• _EXERCISE MATERIAL_:
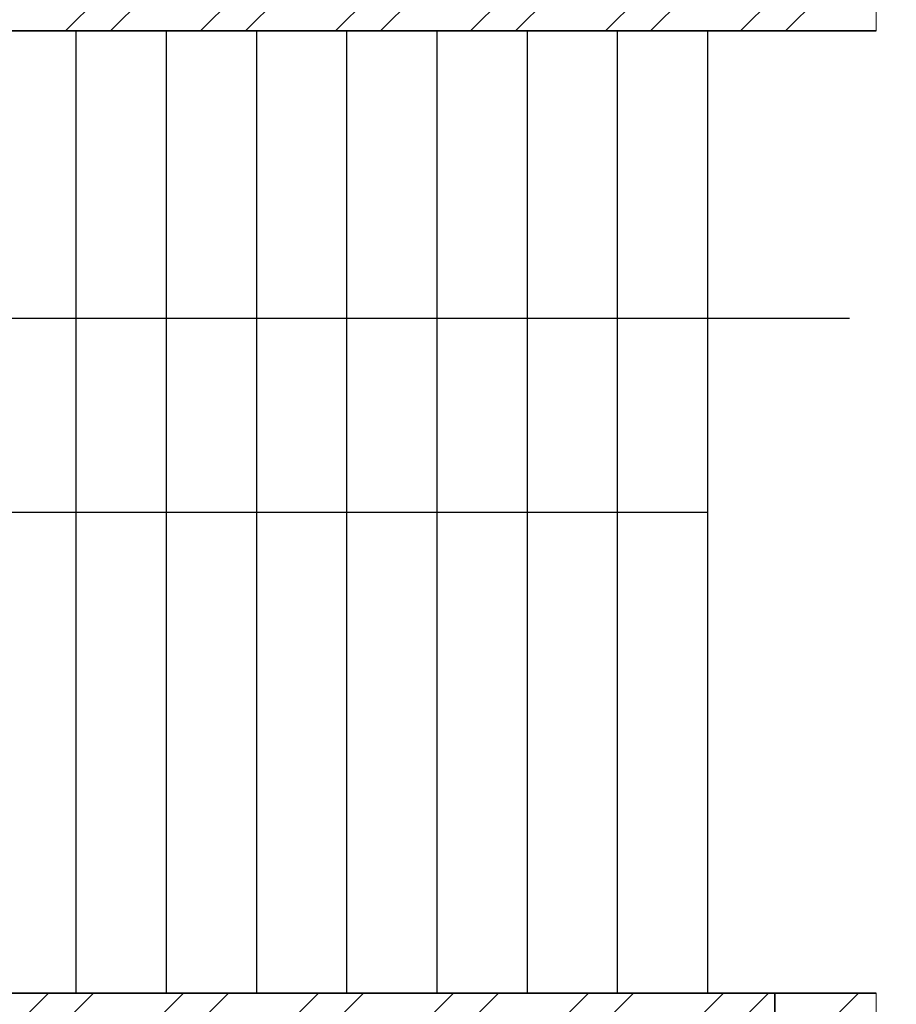
# Model space of a CAD drawing. Units: inches. Extents: x 1962 to 2771, y 1245 to 2660.
# Tile 36 of 114: x 2159 to 2247, y 1932 to 2030. Entities that reach past the tile are written whole.
import ezdxf

# ---------------------------------------------------------------- set-up
doc = ezdxf.new("R2010")
doc.units = ezdxf.units.IN
for name, color, linetype, lineweight in [('A-DOOR', 3, 'Continuous', 18), ('A-FLOR-STRS', 7, 'Continuous', 25), ('A-WALL', 7, 'Continuous', 35), ('A-WALL-PATT', 252, 'Continuous', 13)]:
    doc.layers.add(name, color=color, linetype=linetype, lineweight=lineweight)

msp = doc.modelspace()

# ---------------------------------------------------------------- hatches: boundary and pattern name
at = {"layer": 'A-WALL-PATT'}
h = msp.add_hatch(dxfattribs=at)
h.set_pattern_fill('ANSI32', color=256)
h.paths.add_polyline_path([(2090.8074, 2467.3437), (2141.6481, 2467.3437), (2141.6481, 2469.5937), (2141.6481, 2471.8437), (2086.3074, 2471.8437), (2086.3074, 2422.5333), (2090.8074, 2422.5333)])
h.paths.add_polyline_path([(2282.7664, 2471.8437), (2204.8982, 2471.8437), (2204.8982, 2467.3437), (2234.8074, 2467.3437), (2234.8074, 2311.3437), (2228.7492, 2311.3437), (2228.7492, 2306.8437), (2234.8074, 2306.8437), (2331.9227, 2306.8437), (2331.9227, 2309.0937), (2331.9227, 2311.3437), (2239.3074, 2311.3437), (2239.3074, 2467.3437), (2282.7664, 2467.3437), (2282.7664, 2469.5937)])
h.paths.add_polyline_path([(2471.4531, 2519.8437), (2552.011, 2519.8437), (2564.3996, 2519.8437), (2564.3996, 2511.1389), (2568.8996, 2511.1389), (2568.8996, 2524.3437), (2466.9531, 2524.3437), (2466.9531, 2471.8437), (2450.0749, 2471.8437), (2446.4672, 2471.8437), (2446.4672, 2467.3437), (2450.0749, 2467.3437), (2475.9988, 2467.3437), (2475.9988, 2469.5937), (2475.9988, 2471.8437), (2471.4531, 2471.8437)])
h.paths.add_polyline_path([(2575.2231, 2469.5937), (2575.2231, 2471.8437), (2568.8996, 2471.8437), (2568.8996, 2487.1389), (2564.3996, 2487.1389), (2564.3996, 2471.8437), (2556.511, 2471.8437), (2499.2904, 2471.8437), (2499.2904, 2467.3437), (2507.8074, 2467.3437), (2507.8074, 2311.3437), (2414.863, 2311.3437), (2414.863, 2306.8437), (2512.3074, 2306.8437), (2517.0114, 2306.8437), (2517.0114, 2309.0937), (2517.0114, 2311.3437), (2512.3074, 2311.3437), (2512.3074, 2467.3437), (2575.2231, 2467.3437)])
h.paths.add_polyline_path([(2660.8074, 2471.8437), (2600.9602, 2471.8437), (2600.9602, 2467.3437), (2656.3074, 2467.3437), (2656.3074, 2432.5704), (2660.8074, 2432.5704)])
h.paths.add_polyline_path([(2660.8074, 2372.5704), (2656.3074, 2372.5704), (2656.3074, 2311.3437), (2600.276, 2311.3437), (2600.276, 2309.0937), (2600.276, 2306.8437), (2656.3074, 2306.8437), (2656.3074, 2296.2593), (2660.8074, 2296.2593)])
h.paths.add_polyline_path([(2572.3074, 2306.8437), (2577.1385, 2306.8437), (2577.1385, 2311.3437), (2551.082, 2311.3437), (2551.082, 2306.8437), (2567.8074, 2306.8437), (2567.8074, 2258.8437), (2540.0574, 2258.8437), (2540.0574, 2256.5937), (2540.0574, 2254.3437), (2567.8074, 2254.3437), (2656.3074, 2254.3437), (2656.3074, 2236.9085), (2660.8074, 2236.9085), (2660.8074, 2272.2593), (2656.3074, 2272.2593), (2656.3074, 2258.8437), (2572.3074, 2258.8437)])
h.paths.add_polyline_path([(2512.3074, 2254.3437), (2518.8716, 2254.3437), (2518.8716, 2256.5937), (2518.8716, 2258.8437), (2507.8074, 2258.8437), (2507.8074, 2177.8437), (2567.8074, 2177.8437), (2567.8074, 2172.9628), (2572.3074, 2172.9628), (2572.3074, 2177.8437), (2656.3074, 2177.8437), (2656.3074, 2166.4846), (2660.8074, 2166.4846), (2660.8074, 2200.9085), (2656.3074, 2200.9085), (2656.3074, 2182.3437), (2512.3074, 2182.3437)])
h.paths.add_polyline_path([(2656.3074, 2129.8437), (2572.3074, 2129.8437), (2572.3074, 2150.3044), (2570.0574, 2150.3044), (2567.8074, 2150.3044), (2567.8074, 2129.8437), (2507.8074, 2129.8437), (2507.8074, 2116.3027), (2510.0574, 2116.3027), (2512.3074, 2116.3027), (2512.3074, 2125.3437), (2567.8074, 2125.3437), (2572.3074, 2125.3437), (2656.3074, 2125.3437)])
h.paths.add_polyline_path([(2090.8074, 2362.5333), (2086.3074, 2362.5333), (2086.3074, 2298.6242), (2090.8074, 2298.6242), (2090.8074, 2306.8437), (2174.8074, 2306.8437), (2174.8074, 2286.4178), (2179.3074, 2286.4178), (2179.3074, 2306.8437), (2192.8641, 2306.8437), (2192.8641, 2309.0937), (2192.8641, 2311.3437), (2090.8074, 2311.3437)])
h.paths.add_polyline_path([(2209.156, 2258.8437), (2179.3074, 2258.8437), (2179.3074, 2263.2236), (2177.0574, 2263.2236), (2174.8074, 2263.2236), (2174.8074, 2258.8437), (2090.8074, 2258.8437), (2090.8074, 2274.6242), (2086.3074, 2274.6242), (2086.3074, 2238.2967), (2088.5574, 2238.2967), (2090.8074, 2238.2967), (2090.8074, 2254.3437), (2209.156, 2254.3437)])
h.paths.add_polyline_path([(2090.8074, 2177.8437), (2234.8074, 2177.8437), (2234.8074, 2173.1428), (2239.3074, 2173.1428), (2239.3074, 2258.8437), (2230.8442, 2258.8437), (2230.8442, 2256.5937), (2230.8442, 2254.3437), (2234.8074, 2254.3437), (2234.8074, 2182.3437), (2090.8074, 2182.3437), (2090.8074, 2202.2967), (2086.3074, 2202.2967), (2086.3074, 2140.0389), (2090.8074, 2140.0389)])
h.paths.add_polyline_path([(2090.8074, 2080.0389), (2086.3074, 2080.0389), (2086.3074, 2033.8437), (2090.8074, 2033.8437)], flags=17)
h.paths.add_polyline_path([(2244.9405, 2033.8437), (2239.3074, 2033.8437), (2239.3074, 2142.0665), (2237.2592, 2142.0665), (2234.8074, 2142.0665), (2234.8074, 2033.8437), (2090.8074, 2033.8437), (2076.5204, 2033.8437), (2072.0204, 2033.8437), (2072.0204, 2000.4493), (2076.5204, 2000.4493), (2076.5204, 2029.3437), (2090.8074, 2029.3437), (2244.9405, 2029.3437), (2244.9405, 2031.5937)])
h.paths.add_polyline_path([(2234.8074, 1933.3437), (2076.5204, 1933.3437), (2076.5204, 1952.4493), (2074.2704, 1952.4493), (2072.0204, 1952.4493), (2072.0204, 1933.3437), (2072.0204, 1928.8437), (2234.8074, 1928.8437)])
h.paths.add_polyline_path([(2090.8074, 1928.8437), (2086.3074, 1928.8437), (2086.3074, 1906.5013), (2090.8074, 1906.5013)])
h.paths.add_polyline_path([(2090.8074, 1846.5013), (2086.3074, 1846.5013), (2086.3074, 1769.9917), (2088.5574, 1769.9917), (2090.8074, 1769.9917), (2090.8074, 1780.3437), (2234.8074, 1780.3437), (2234.8074, 1708.3437), (2230.3764, 1708.3437), (2230.3764, 1703.8437), (2239.3074, 1703.8437), (2239.3074, 1792.6669), (2237.0574, 1792.6669), (2234.8074, 1792.6669), (2234.8074, 1784.8437), (2090.8074, 1784.8437)])
h.paths.add_polyline_path([(2239.3074, 1928.8437), (2244.9405, 1928.8437), (2244.9405, 1931.0937), (2244.9405, 1933.3437), (2234.8074, 1933.3437), (2234.8074, 1928.8437), (2234.8074, 1825.5949), (2239.3074, 1825.5949)])
h.paths.add_polyline_path([(2148.0425, 1649.0937), (2148.0425, 1651.3437), (2090.8074, 1651.3437), (2090.8074, 1646.8437), (2148.0425, 1646.8437)], flags=0)
h.paths.add_polyline_path([(2207.5601, 1708.3437), (2090.8074, 1708.3437), (2090.8074, 1703.8437), (2174.8074, 1703.8437), (2174.8074, 1651.3437), (2170.4457, 1651.3437), (2170.4457, 1646.8437), (2195.9924, 1646.8437), (2195.9924, 1649.0937), (2195.9924, 1651.3437), (2179.3074, 1651.3437), (2179.3074, 1703.8437), (2207.5601, 1703.8437), (2207.5601, 1706.0937)])
h.paths.add_polyline_path([(2090.8074, 1733.9917), (2086.3074, 1733.9917), (2086.3074, 1696.1032), (2088.5574, 1696.1032), (2090.8074, 1696.1032)])
h.paths.add_polyline_path([(2090.8074, 1672.1032), (2086.3074, 1672.1032), (2086.3074, 1600.3335), (2090.8074, 1600.3335)])
h.paths.add_polyline_path([(2090.8074, 1540.3335), (2086.3074, 1540.3335), (2086.3074, 1486.3437), (2139.6766, 1486.3437), (2139.6766, 1490.8437), (2090.8074, 1490.8437)])
h.paths.add_polyline_path([(2302.3876, 1490.8437), (2239.3074, 1490.8437), (2239.3074, 1646.8437), (2335.9994, 1646.8437), (2335.9994, 1651.3437), (2229.884, 1651.3437), (2229.884, 1646.8437), (2234.8074, 1646.8437), (2234.8074, 1490.8437), (2202.7103, 1490.8437), (2202.7103, 1488.5937), (2202.7103, 1486.3437), (2275.0699, 1486.3437), (2275.0699, 1475.772), (2279.5699, 1475.772), (2279.5699, 1486.3437), (2302.3876, 1486.3437)])
h.paths.add_polyline_path([(2279.5699, 1451.772), (2275.0699, 1451.772), (2275.0699, 1438.3437), (2174.8074, 1438.3437), (2174.8074, 1486.3437), (2179.7922, 1486.3437), (2179.7922, 1490.8437), (2163.3585, 1490.8437), (2163.3585, 1488.5937), (2163.3585, 1486.3437), (2170.3074, 1486.3437), (2170.3074, 1433.8437), (2279.5699, 1433.8437)])
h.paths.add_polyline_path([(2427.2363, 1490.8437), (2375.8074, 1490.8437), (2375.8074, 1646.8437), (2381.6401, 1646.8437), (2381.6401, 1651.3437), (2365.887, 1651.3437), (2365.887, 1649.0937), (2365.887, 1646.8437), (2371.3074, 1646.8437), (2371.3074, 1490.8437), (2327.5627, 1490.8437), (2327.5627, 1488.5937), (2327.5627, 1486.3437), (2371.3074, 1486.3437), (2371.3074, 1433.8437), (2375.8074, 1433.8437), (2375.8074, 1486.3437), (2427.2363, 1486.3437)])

• _ACTION ITEM_:
Would you please return all lines from the listing above that contain "name"?

• _SOLUTION_:
for name, color, linetype, lineweight in [('A-DOOR', 3, 'Continuous', 18), ('A-FLOR-STRS', 7, 'Continuous', 25), ('A-WALL', 7, 'Continuous', 35), ('A-WALL-PATT', 252, 'Continuous', 13)]:
    doc.layers.add(name, color=color, linetype=linetype, lineweight=lineweight)
# ---------------------------------------------------------------- hatches: boundary and pattern name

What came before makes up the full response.